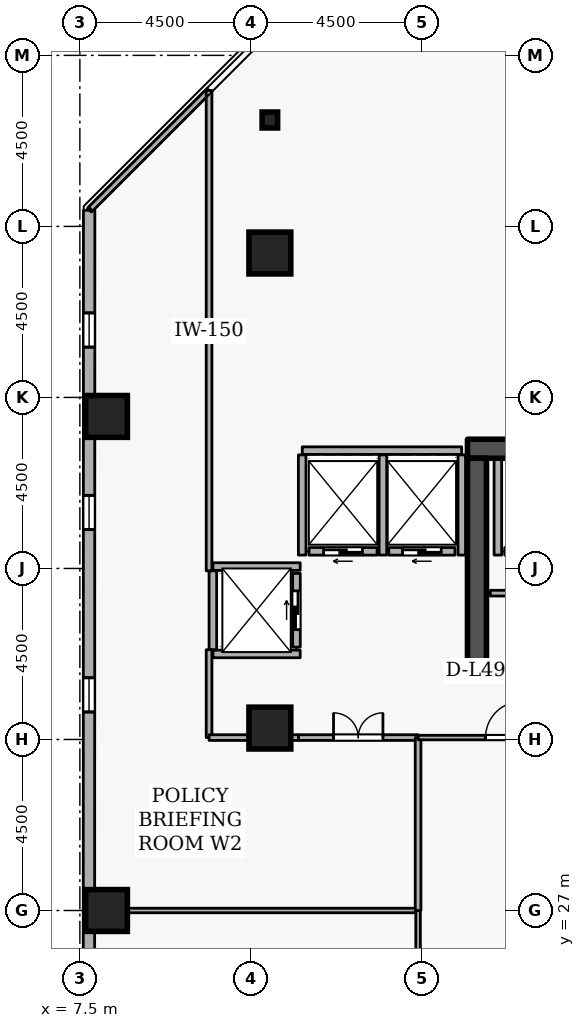
"""IFC4 building model, lengths in metres.
Left out: names, types, materials, properties, quantities, classifications, styles, units other than length and angle.
Written with IfcOpenShell. Run it as: python <this file> out.ifc"""

import sys

from ifc_helpers import new_model, si_unit, direction, frame, frame_2d, origin, origin_2d, place, context, subcontext, project, spatial, rectangle, i_section, extrude, element, fill, save


model = new_model("IFC4")
c1 = context("Model", 3, precision=1e-05, world=origin(), true_north=direction((0.0, 1.0)))
c2 = subcontext(c1, "Body", "Model", "MODEL_VIEW")
j1 = project(units=[si_unit("LENGTHUNIT", "METRE"), si_unit("PLANEANGLEUNIT", "RADIAN")], contexts=[c1])
p1 = place(None, origin())
s1 = spatial("IfcSite", under=j1, at=p1, CompositionType="ELEMENT")
p2 = place(p1, origin())
s2 = spatial("IfcBuilding", under=s1, at=p2, CompositionType="ELEMENT")
p3 = place(p2, frame((0.0, 0.0, 185.7)))
s3 = spatial("IfcBuildingStorey", under=s2, at=p3, CompositionType="ELEMENT", Elevation=185.7)
p4 = place(p3, frame((17.7, 39.15, 0.0), z_axis=(0.0, 0.0, 1.0), x_axis=(1.0, 0.0, 0.0)))
e1 = element("IfcWall", 1, at=p4, inside=s3, PredefinedType="SHEAR", context=c2, shape_type="SweptSolid", body=[
    extrude(rectangle(XDim=15.6, YDim=0.5, at=frame_2d((7.8, 0.0))), origin(), (0.0, 0.0, 1.0), 3.6),
])
p5 = place(p3, frame((17.95, 33.1, 0.0), z_axis=(0.0, 0.0, 1.0), x_axis=(0.0, 1.0, 0.0)))
e2 = element("IfcWall", 2, at=p5, inside=s3, PredefinedType="SHEAR", context=c2, shape_type="SweptSolid", body=[
    extrude(rectangle(XDim=5.8, YDim=0.5, at=frame_2d((2.9, 0.0))), origin(), (0.0, 0.0, 1.0), 3.6),
])
for number, where, z_axis, x_axis in (
    (3, (12.5, 44.3, 0.0), (0.0, 0.0, 1.0), (1.0, 0.0, 0.0)),
    (4, (8.2, 27.0, 0.0), (0.0, 0.0, 1.0), (1.0, 0.0, 0.0)),
    (5, (8.2, 40.0, 0.0), (0.0, 0.0, 1.0), (1.0, 0.0, 0.0)),
    (6, (12.5, 31.8, 0.0), (0.0, 0.0, 1.0), (1.0, 0.0, 0.0)),
):
    element("IfcColumn", number, at=place(p3, frame(where, z_axis=z_axis, x_axis=x_axis)), inside=s3, PredefinedType="COLUMN", context=c2, shape_type="SweptSolid", body=[
        extrude(rectangle(XDim=1.1, YDim=1.1, at=origin_2d()), origin(), (0.0, 0.0, 1.0), 3.6),
    ])
p6 = place(p3, frame((12.5, 47.8, 0.0), z_axis=(0.0, 0.0, 1.0), x_axis=(1.0, 0.0, 0.0)))
e7 = element("IfcColumn", 7, at=p6, inside=s3, PredefinedType="COLUMN", context=c2, shape_type="SweptSolid", body=[
    extrude(i_section(OverallWidth=0.407, OverallDepth=0.419, WebThickness=0.031, FlangeThickness=0.049, FilletRadius=0.015, at=origin_2d()), origin(), (0.0, 0.0, 1.0), 3.6),
])
p7 = place(p3, frame((7.744, 45.424, 0.0), z_axis=(0.0, 0.0, 1.0), x_axis=(-0.000268805477, -0.999999963872, 0.0)))
e8 = element("IfcWall", 8, at=p7, inside=s3, PredefinedType="STANDARD", context=c2, shape_type="SweptSolid", body=[
    extrude(rectangle(XDim=33.605, YDim=0.3, at=frame_2d((16.802, 0.0))), origin(), (0.0, 0.0, 1.0), 2.7),
])
p8 = place(p7, frame((2.7, 0.0, 0.72)))
e9 = element("IfcOpeningElement", 9, at=p8, cuts=e8, PredefinedType="OPENING", context=c2, shape_type="SweptSolid", body=[
    extrude(rectangle(XDim=0.9, YDim=1.75, at=frame_2d((0.45, 0.875))), frame((0.0, 0.16, 0.0), z_axis=(0.0, -1.0, 0.0), x_axis=(1.0, 0.0, 0.0)), (0.0, 0.0, 1.0), 0.32),
])
p9 = place(p7, frame((7.5, 0.0, 0.72)))
e10 = element("IfcOpeningElement", 10, at=p9, cuts=e8, PredefinedType="OPENING", context=c2, shape_type="SweptSolid", body=[
    extrude(rectangle(XDim=0.9, YDim=1.75, at=frame_2d((0.45, 0.875))), frame((0.0, 0.16, 0.0), z_axis=(0.0, -1.0, 0.0), x_axis=(1.0, 0.0, 0.0)), (0.0, 0.0, 1.0), 0.32),
])
p10 = place(p7, frame((12.3, 0.0, 0.72)))
e11 = element("IfcOpeningElement", 11, at=p10, cuts=e8, PredefinedType="OPENING", context=c2, shape_type="SweptSolid", body=[
    extrude(rectangle(XDim=0.9, YDim=1.75, at=frame_2d((0.45, 0.875))), frame((0.0, 0.16, 0.0), z_axis=(0.0, -1.0, 0.0), x_axis=(1.0, 0.0, 0.0)), (0.0, 0.0, 1.0), 0.32),
])
p11 = place(p7, frame((21.9, 0.0, 0.72)))
e12 = element("IfcOpeningElement", 12, at=p11, cuts=e8, PredefinedType="OPENING", context=c2, shape_type="SweptSolid", body=[
    extrude(rectangle(XDim=0.9, YDim=1.75, at=frame_2d((0.45, 0.875))), frame((0.0, 0.16, 0.0), z_axis=(0.0, -1.0, 0.0), x_axis=(1.0, 0.0, 0.0)), (0.0, 0.0, 1.0), 0.32),
])
p12 = place(p7, frame((26.7, 0.0, 0.72)))
e13 = element("IfcOpeningElement", 13, at=p12, cuts=e8, PredefinedType="OPENING", context=c2, shape_type="SweptSolid", body=[
    extrude(rectangle(XDim=0.9, YDim=1.75, at=frame_2d((0.45, 0.875))), frame((0.0, 0.16, 0.0), z_axis=(0.0, -1.0, 0.0), x_axis=(1.0, 0.0, 0.0)), (0.0, 0.0, 1.0), 0.32),
])
p13 = place(p3, frame((20.62, 36.45, 0.0), z_axis=(0.0, 0.0, 1.0), x_axis=(-1.0, 0.0, 0.0)))
e14 = element("IfcWall", 14, at=p13, inside=s3, PredefinedType="STANDARD", context=c2, shape_type="SweptSolid", body=[
    extrude(rectangle(XDim=1.94, YDim=0.2, at=frame_2d((0.97, 0.0))), origin(), (0.0, 0.0, 1.0), 3.34),
])
p14 = place(p13, frame((0.46, 0.0, 0.0)))
e15 = element("IfcOpeningElement", 15, at=p14, cuts=e14, PredefinedType="OPENING", context=c2, shape_type="SweptSolid", body=[
    extrude(rectangle(XDim=1.02, YDim=2.06, at=frame_2d((0.51, 1.03))), frame((0.0, 0.11, 0.0), z_axis=(0.0, -1.0, 0.0), x_axis=(1.0, 0.0, 0.0)), (0.0, 0.0, 1.0), 0.22),
])
p15 = place(p3, frame((17.37, 36.45, 0.0), z_axis=(0.0, 0.0, 1.0), x_axis=(-1.0, 0.0, 0.0)))
e16 = element("IfcWall", 16, at=p15, inside=s3, PredefinedType="STANDARD", context=c2, shape_type="SweptSolid", body=[
    extrude(rectangle(XDim=1.74, YDim=0.2, at=frame_2d((0.87, 0.0))), origin(), (0.0, 0.0, 1.0), 3.34),
])
p16 = place(p15, frame((0.36, 0.0, 0.0)))
e17 = element("IfcOpeningElement", 17, at=p16, cuts=e16, PredefinedType="OPENING", context=c2, shape_type="SweptSolid", body=[
    extrude(rectangle(XDim=1.02, YDim=2.06, at=frame_2d((0.51, 1.03))), frame((0.0, 0.11, 0.0), z_axis=(0.0, -1.0, 0.0), x_axis=(1.0, 0.0, 0.0)), (0.0, 0.0, 1.0), 0.22),
])
p17 = place(p3, frame((15.32, 36.45, 0.0), z_axis=(0.0, 0.0, 1.0), x_axis=(-1.0, 0.0, 0.0)))
e18 = element("IfcWall", 18, at=p17, inside=s3, PredefinedType="STANDARD", context=c2, shape_type="SweptSolid", body=[
    extrude(rectangle(XDim=1.79, YDim=0.2, at=frame_2d((0.895, 0.0))), origin(), (0.0, 0.0, 1.0), 3.34),
])
p18 = place(p17, frame((0.385, 0.0, 0.0)))
e19 = element("IfcOpeningElement", 19, at=p18, cuts=e18, PredefinedType="OPENING", context=c2, shape_type="SweptSolid", body=[
    extrude(rectangle(XDim=1.02, YDim=2.06, at=frame_2d((0.51, 1.03))), frame((0.0, 0.11, 0.0), z_axis=(0.0, -1.0, 0.0), x_axis=(1.0, 0.0, 0.0)), (0.0, 0.0, 1.0), 0.22),
])
p19 = place(p3, frame((13.2, 33.93, 0.0), z_axis=(0.0, 0.0, 1.0), x_axis=(0.0, 1.0, 0.0)))
e20 = element("IfcWall", 20, at=p19, inside=s3, PredefinedType="STANDARD", context=c2, shape_type="SweptSolid", body=[
    extrude(rectangle(XDim=1.94, YDim=0.2, at=frame_2d((0.97, 0.0))), origin(), (0.0, 0.0, 1.0), 3.34),
])
p20 = place(p19, frame((0.46, 0.0, 0.0)))
e21 = element("IfcOpeningElement", 21, at=p20, cuts=e20, PredefinedType="OPENING", context=c2, shape_type="SweptSolid", body=[
    extrude(rectangle(XDim=1.02, YDim=2.06, at=frame_2d((0.51, 1.03))), frame((0.0, 0.11, 0.0), z_axis=(0.0, -1.0, 0.0), x_axis=(1.0, 0.0, 0.0)), (0.0, 0.0, 1.0), 0.22),
])
p21 = place(p3, frame((18.5, 36.352, 0.0), z_axis=(0.0, 0.0, 1.0), x_axis=(0.0, 1.0, 0.0)))
e22 = element("IfcWall", 22, at=p21, inside=s3, PredefinedType="STANDARD", context=c2, shape_type="SweptSolid", body=[
    extrude(rectangle(XDim=2.536, YDim=0.2, at=frame_2d((1.268, 0.0))), origin(), (0.0, 0.0, 1.0), 3.34),
])
p22 = place(p3, frame((13.352, 39.1, 0.0), z_axis=(0.0, 0.0, 1.0), x_axis=(1.0, 0.0, 0.0)))
e23 = element("IfcWall", 23, at=p22, inside=s3, PredefinedType="STANDARD", context=c2, shape_type="SweptSolid", body=[
    extrude(rectangle(XDim=4.196, YDim=0.2, at=frame_2d((2.098, 0.0))), origin(), (0.0, 0.0, 1.0), 3.34),
])
p23 = place(p3, frame((17.55, 36.352, 0.0), z_axis=(0.0, 0.0, 1.0), x_axis=(0.0, 1.0, 0.0)))
e24 = element("IfcWall", 24, at=p23, inside=s3, PredefinedType="STANDARD", context=c2, shape_type="SweptSolid", body=[
    extrude(rectangle(XDim=2.636, YDim=0.2, at=frame_2d((1.318, 0.0))), origin(), (0.0, 0.0, 1.0), 2.545),
])
for number, where, z_axis, x_axis in (
    (25, (15.475, 36.352, 0.0), (0.0, 0.0, 1.0), (0.0, 1.0, 0.0)),
    (26, (13.35, 36.352, 0.0), (0.0, 0.0, 1.0), (0.0, 1.0, 0.0)),
):
    element("IfcWall", number, at=place(p3, frame(where, z_axis=z_axis, x_axis=x_axis)), inside=s3, PredefinedType="STANDARD", context=c2, shape_type="SweptSolid", body=[
        extrude(rectangle(XDim=2.636, YDim=0.2, at=frame_2d((1.318, 0.0))), origin(), (0.0, 0.0, 1.0), 3.34),
    ])
for number, where, z_axis, x_axis in (
    (27, (11.002, 36.05, 0.0), (0.0, 0.0, 1.0), (1.0, 0.0, 0.0)),
    (28, (11.002, 33.75, 0.0), (0.0, 0.0, 1.0), (1.0, 0.0, 0.0)),
):
    element("IfcWall", number, at=place(p3, frame(where, z_axis=z_axis, x_axis=x_axis)), inside=s3, PredefinedType="STANDARD", context=c2, shape_type="SweptSolid", body=[
        extrude(rectangle(XDim=2.296, YDim=0.2, at=frame_2d((1.148, 0.0))), origin(), (0.0, 0.0, 1.0), 3.34),
    ])
p24 = place(p3, frame((11.0, 33.862, 0.0), z_axis=(0.0, 0.0, 1.0), x_axis=(0.0, 1.0, 0.0)))
e29 = element("IfcWall", 29, at=p24, inside=s3, PredefinedType="STANDARD", context=c2, shape_type="SweptSolid", body=[
    extrude(rectangle(XDim=2.076, YDim=0.2, at=frame_2d((1.038, 0.0))), origin(), (0.0, 0.0, 1.0), 3.34),
])
p25 = place(p3, frame((18.3, 33.3, 0.0), z_axis=(0.0, 0.0, 1.0), x_axis=(1.0, 0.0, 0.0)))
e30 = element("IfcWall", 30, at=p25, inside=s3, PredefinedType="PARTITIONING", context=c2, shape_type="SweptSolid", body=[
    extrude(rectangle(XDim=2.25, YDim=0.15, at=frame_2d((1.125, 0.0))), origin(), (0.0, 0.0, 1.0), 3.34),
])
p26 = place(p25, frame((0.665, 0.0, 0.0)))
e31 = element("IfcOpeningElement", 31, at=p26, cuts=e30, PredefinedType="OPENING", context=c2, shape_type="SweptSolid", body=[
    extrude(rectangle(XDim=0.92, YDim=2.08, at=frame_2d((0.46, 1.04))), frame((0.0, 0.085, 0.0), z_axis=(0.0, -1.0, 0.0), x_axis=(1.0, 0.0, 0.0)), (0.0, 0.0, 1.0), 0.17),
])
p27 = place(p3, frame((20.55, 35.35, 0.0), z_axis=(0.0, 0.0, 1.0), x_axis=(-1.0, 0.0, 0.0)))
e32 = element("IfcWall", 32, at=p27, inside=s3, PredefinedType="PARTITIONING", context=c2, shape_type="SweptSolid", body=[
    extrude(rectangle(XDim=2.25, YDim=0.15, at=frame_2d((1.125, 0.0))), origin(), (0.0, 0.0, 1.0), 3.34),
])
p28 = place(p3, frame((7.78, 27.0, 0.0), z_axis=(0.0, 0.0, 1.0), x_axis=(1.0, 0.0, 0.0)))
e33 = element("IfcWall", 33, at=p28, inside=s3, PredefinedType="PARTITIONING", context=c2, shape_type="SweptSolid", body=[
    extrude(rectangle(XDim=8.62, YDim=0.12, at=frame_2d((4.31, 0.0))), origin(), (0.0, 0.0, 1.0), 2.878),
])
p29 = place(p3, frame((16.4, 27.0, 0.0), z_axis=(0.0, 0.0, 1.0), x_axis=(0.0, -1.0, 0.0)))
e34 = element("IfcWall", 34, at=p29, inside=s3, PredefinedType="PARTITIONING", context=c2, shape_type="SweptSolid", body=[
    extrude(rectangle(XDim=4.55, YDim=0.12, at=frame_2d((2.275, 0.0))), origin(), (0.0, 0.0, 1.0), 3.34),
])
p30 = place(p3, frame((13.25, 31.55, 0.0), z_axis=(0.0, 0.0, 1.0), x_axis=(1.0, 0.0, 0.0)))
e35 = element("IfcWall", 35, at=p30, inside=s3, PredefinedType="PARTITIONING", context=c2, shape_type="SweptSolid", body=[
    extrude(rectangle(XDim=3.15, YDim=0.15, at=frame_2d((1.575, 0.0))), origin(), (0.0, 0.0, 1.0), 3.34),
])
p31 = place(p30, frame((0.925, 0.0, 0.0)))
e36 = element("IfcOpeningElement", 36, at=p31, cuts=e35, PredefinedType="OPENING", context=c2, shape_type="SweptSolid", body=[
    extrude(rectangle(XDim=1.3, YDim=2.12, at=frame_2d((0.65, 1.06))), frame((0.0, 0.085, 0.0), z_axis=(0.0, -1.0, 0.0), x_axis=(1.0, 0.0, 0.0)), (0.0, 0.0, 1.0), 0.17),
])
p32 = place(p3, frame((16.4, 31.55, 0.0), z_axis=(0.0, 0.0, 1.0), x_axis=(0.0, -1.0, 0.0)))
e37 = element("IfcWall", 37, at=p32, inside=s3, PredefinedType="PARTITIONING", context=c2, shape_type="SweptSolid", body=[
    extrude(rectangle(XDim=4.55, YDim=0.15, at=frame_2d((2.275, 0.0))), origin(), (0.0, 0.0, 1.0), 3.34),
])
p33 = place(p3, frame((7.78, 45.456, 0.0), z_axis=(0.0, 0.0, 1.0), x_axis=(0.707079114978, 0.707134446312, 0.0)))
e38 = element("IfcWall", 38, at=p33, inside=s3, PredefinedType="PARTITIONING", context=c2, shape_type="SweptSolid", body=[
    extrude(rectangle(XDim=4.412, YDim=0.15, at=frame_2d((2.206, 0.0))), origin(), (0.0, 0.0, 1.0), 3.34),
])
p34 = place(p3, frame((10.9, 48.576, 0.0), z_axis=(0.0, 0.0, 1.0), x_axis=(0.0, -1.0, 0.0)))
e39 = element("IfcWall", 39, at=p34, inside=s3, PredefinedType="PARTITIONING", context=c2, shape_type="SweptSolid", body=[
    extrude(rectangle(XDim=12.638, YDim=0.15, at=frame_2d((6.319, 0.0))), origin(), (0.0, 0.0, 1.0), 3.34),
])
p35 = place(p3, frame((10.9, 33.862, 0.0), z_axis=(0.0, 0.0, 1.0), x_axis=(0.0, -1.0, 0.0)))
e40 = element("IfcWall", 40, at=p35, inside=s3, PredefinedType="PARTITIONING", context=c2, shape_type="SweptSolid", body=[
    extrude(rectangle(XDim=2.312, YDim=0.15, at=frame_2d((1.156, 0.0))), origin(), (0.0, 0.0, 1.0), 3.34),
])
p36 = place(p3, frame((10.9, 31.55, 0.0), z_axis=(0.0, 0.0, 1.0), x_axis=(1.0, 0.0, 0.0)))
e41 = element("IfcWall", 41, at=p36, inside=s3, PredefinedType="PARTITIONING", context=c2, shape_type="SweptSolid", body=[
    extrude(rectangle(XDim=2.35, YDim=0.15, at=frame_2d((1.175, 0.0))), origin(), (0.0, 0.0, 1.0), 3.34),
])
p37 = place(p3, frame((16.4, 31.55, 0.0), z_axis=(0.0, 0.0, 1.0), x_axis=(1.0, 0.0, 0.0)))
e42 = element("IfcWall", 42, at=p37, inside=s3, PredefinedType="PARTITIONING", context=c2, shape_type="SweptSolid", body=[
    extrude(rectangle(XDim=4.5, YDim=0.12, at=frame_2d((2.25, 0.0))), origin(), (0.0, 0.0, 1.0), 3.34),
])
p38 = place(p37, frame((1.775, 0.0, 0.0)))
e43 = element("IfcOpeningElement", 43, at=p38, cuts=e42, PredefinedType="OPENING", context=c2, shape_type="SweptSolid", body=[
    extrude(rectangle(XDim=0.95, YDim=2.1, at=frame_2d((0.475, 1.05))), frame((0.0, 0.07, 0.0), z_axis=(0.0, -1.0, 0.0), x_axis=(1.0, 0.0, 0.0)), (0.0, 0.0, 1.0), 0.14),
])
p39 = place(p8, origin())
e44 = element("IfcWindow", 44, at=p39, inside=s3, PartitioningType="SINGLE_PANEL", PredefinedType="WINDOW", context=c2, shape_type="SweptSolid", body=[
    extrude(rectangle(XDim=0.9, YDim=1.75, at=frame_2d((0.45, 0.875))), frame((0.0, 0.03, 0.0), z_axis=(0.0, -1.0, 0.0), x_axis=(1.0, 0.0, 0.0)), (0.0, 0.0, 1.0), 0.06),
])
fill(e9, e44)
p40 = place(p9, origin())
e45 = element("IfcWindow", 45, at=p40, inside=s3, PartitioningType="SINGLE_PANEL", PredefinedType="WINDOW", context=c2, shape_type="SweptSolid", body=[
    extrude(rectangle(XDim=0.9, YDim=1.75, at=frame_2d((0.45, 0.875))), frame((0.0, 0.03, 0.0), z_axis=(0.0, -1.0, 0.0), x_axis=(1.0, 0.0, 0.0)), (0.0, 0.0, 1.0), 0.06),
])
fill(e10, e45)
p41 = place(p10, origin())
e46 = element("IfcWindow", 46, at=p41, inside=s3, PartitioningType="SINGLE_PANEL", PredefinedType="WINDOW", context=c2, shape_type="SweptSolid", body=[
    extrude(rectangle(XDim=0.9, YDim=1.75, at=frame_2d((0.45, 0.875))), frame((0.0, 0.03, 0.0), z_axis=(0.0, -1.0, 0.0), x_axis=(1.0, 0.0, 0.0)), (0.0, 0.0, 1.0), 0.06),
])
fill(e11, e46)
p42 = place(p16, origin())
e47 = element("IfcDoor", 47, at=p42, inside=s3, OperationType="SLIDING_TO_LEFT", PredefinedType="DOOR", context=c2, shape_type="SweptSolid", body=[
    extrude(rectangle(XDim=1.02, YDim=2.06, at=frame_2d((0.51, 1.03))), frame((0.0, 0.025, 0.0), z_axis=(0.0, -1.0, 0.0), x_axis=(1.0, 0.0, 0.0)), (0.0, 0.0, 1.0), 0.05),
])
fill(e17, e47)
p43 = place(p18, origin())
e48 = element("IfcDoor", 48, at=p43, inside=s3, OperationType="SLIDING_TO_LEFT", PredefinedType="DOOR", context=c2, shape_type="SweptSolid", body=[
    extrude(rectangle(XDim=1.02, YDim=2.06, at=frame_2d((0.51, 1.03))), frame((0.0, 0.025, 0.0), z_axis=(0.0, -1.0, 0.0), x_axis=(1.0, 0.0, 0.0)), (0.0, 0.0, 1.0), 0.05),
])
fill(e19, e48)
p44 = place(p20, origin())
e49 = element("IfcDoor", 49, at=p44, inside=s3, OperationType="SLIDING_TO_LEFT", PredefinedType="DOOR", context=c2, shape_type="SweptSolid", body=[
    extrude(rectangle(XDim=1.02, YDim=2.06, at=frame_2d((0.51, 1.03))), frame((0.0, 0.025, 0.0), z_axis=(0.0, -1.0, 0.0), x_axis=(1.0, 0.0, 0.0)), (0.0, 0.0, 1.0), 0.05),
])
fill(e21, e49)
p45 = place(p31, origin())
e50 = element("IfcDoor", 50, at=p45, inside=s3, OperationType="DOUBLE_DOOR_SINGLE_SWING", PredefinedType="DOOR", context=c2, shape_type="SweptSolid", body=[
    extrude(rectangle(XDim=1.3, YDim=2.12, at=frame_2d((0.65, 1.06))), frame((0.0, 0.025, 0.0), z_axis=(0.0, -1.0, 0.0), x_axis=(1.0, 0.0, 0.0)), (0.0, 0.0, 1.0), 0.05),
])
fill(e36, e50)
p46 = place(p38, origin())
e51 = element("IfcDoor", 51, at=p46, inside=s3, OperationType="SINGLE_SWING_RIGHT", PredefinedType="DOOR", context=c2, shape_type="SweptSolid", body=[
    extrude(rectangle(XDim=0.95, YDim=2.1, at=frame_2d((0.475, 1.05))), frame((0.0, 0.025, 0.0), z_axis=(0.0, -1.0, 0.0), x_axis=(1.0, 0.0, 0.0)), (0.0, 0.0, 1.0), 0.05),
])
fill(e43, e51)
save(model, sys.argv[1])

■ What you will do ■
In the records above, find each line with the word "units" and copy it out.

■ Task output ■
Left out: names, types, materials, properties, quantities, classifications, styles, units other than length and angle.
j1 = project(units=[si_unit("LENGTHUNIT", "METRE"), si_unit("PLANEANGLEUNIT", "RADIAN")], contexts=[c1])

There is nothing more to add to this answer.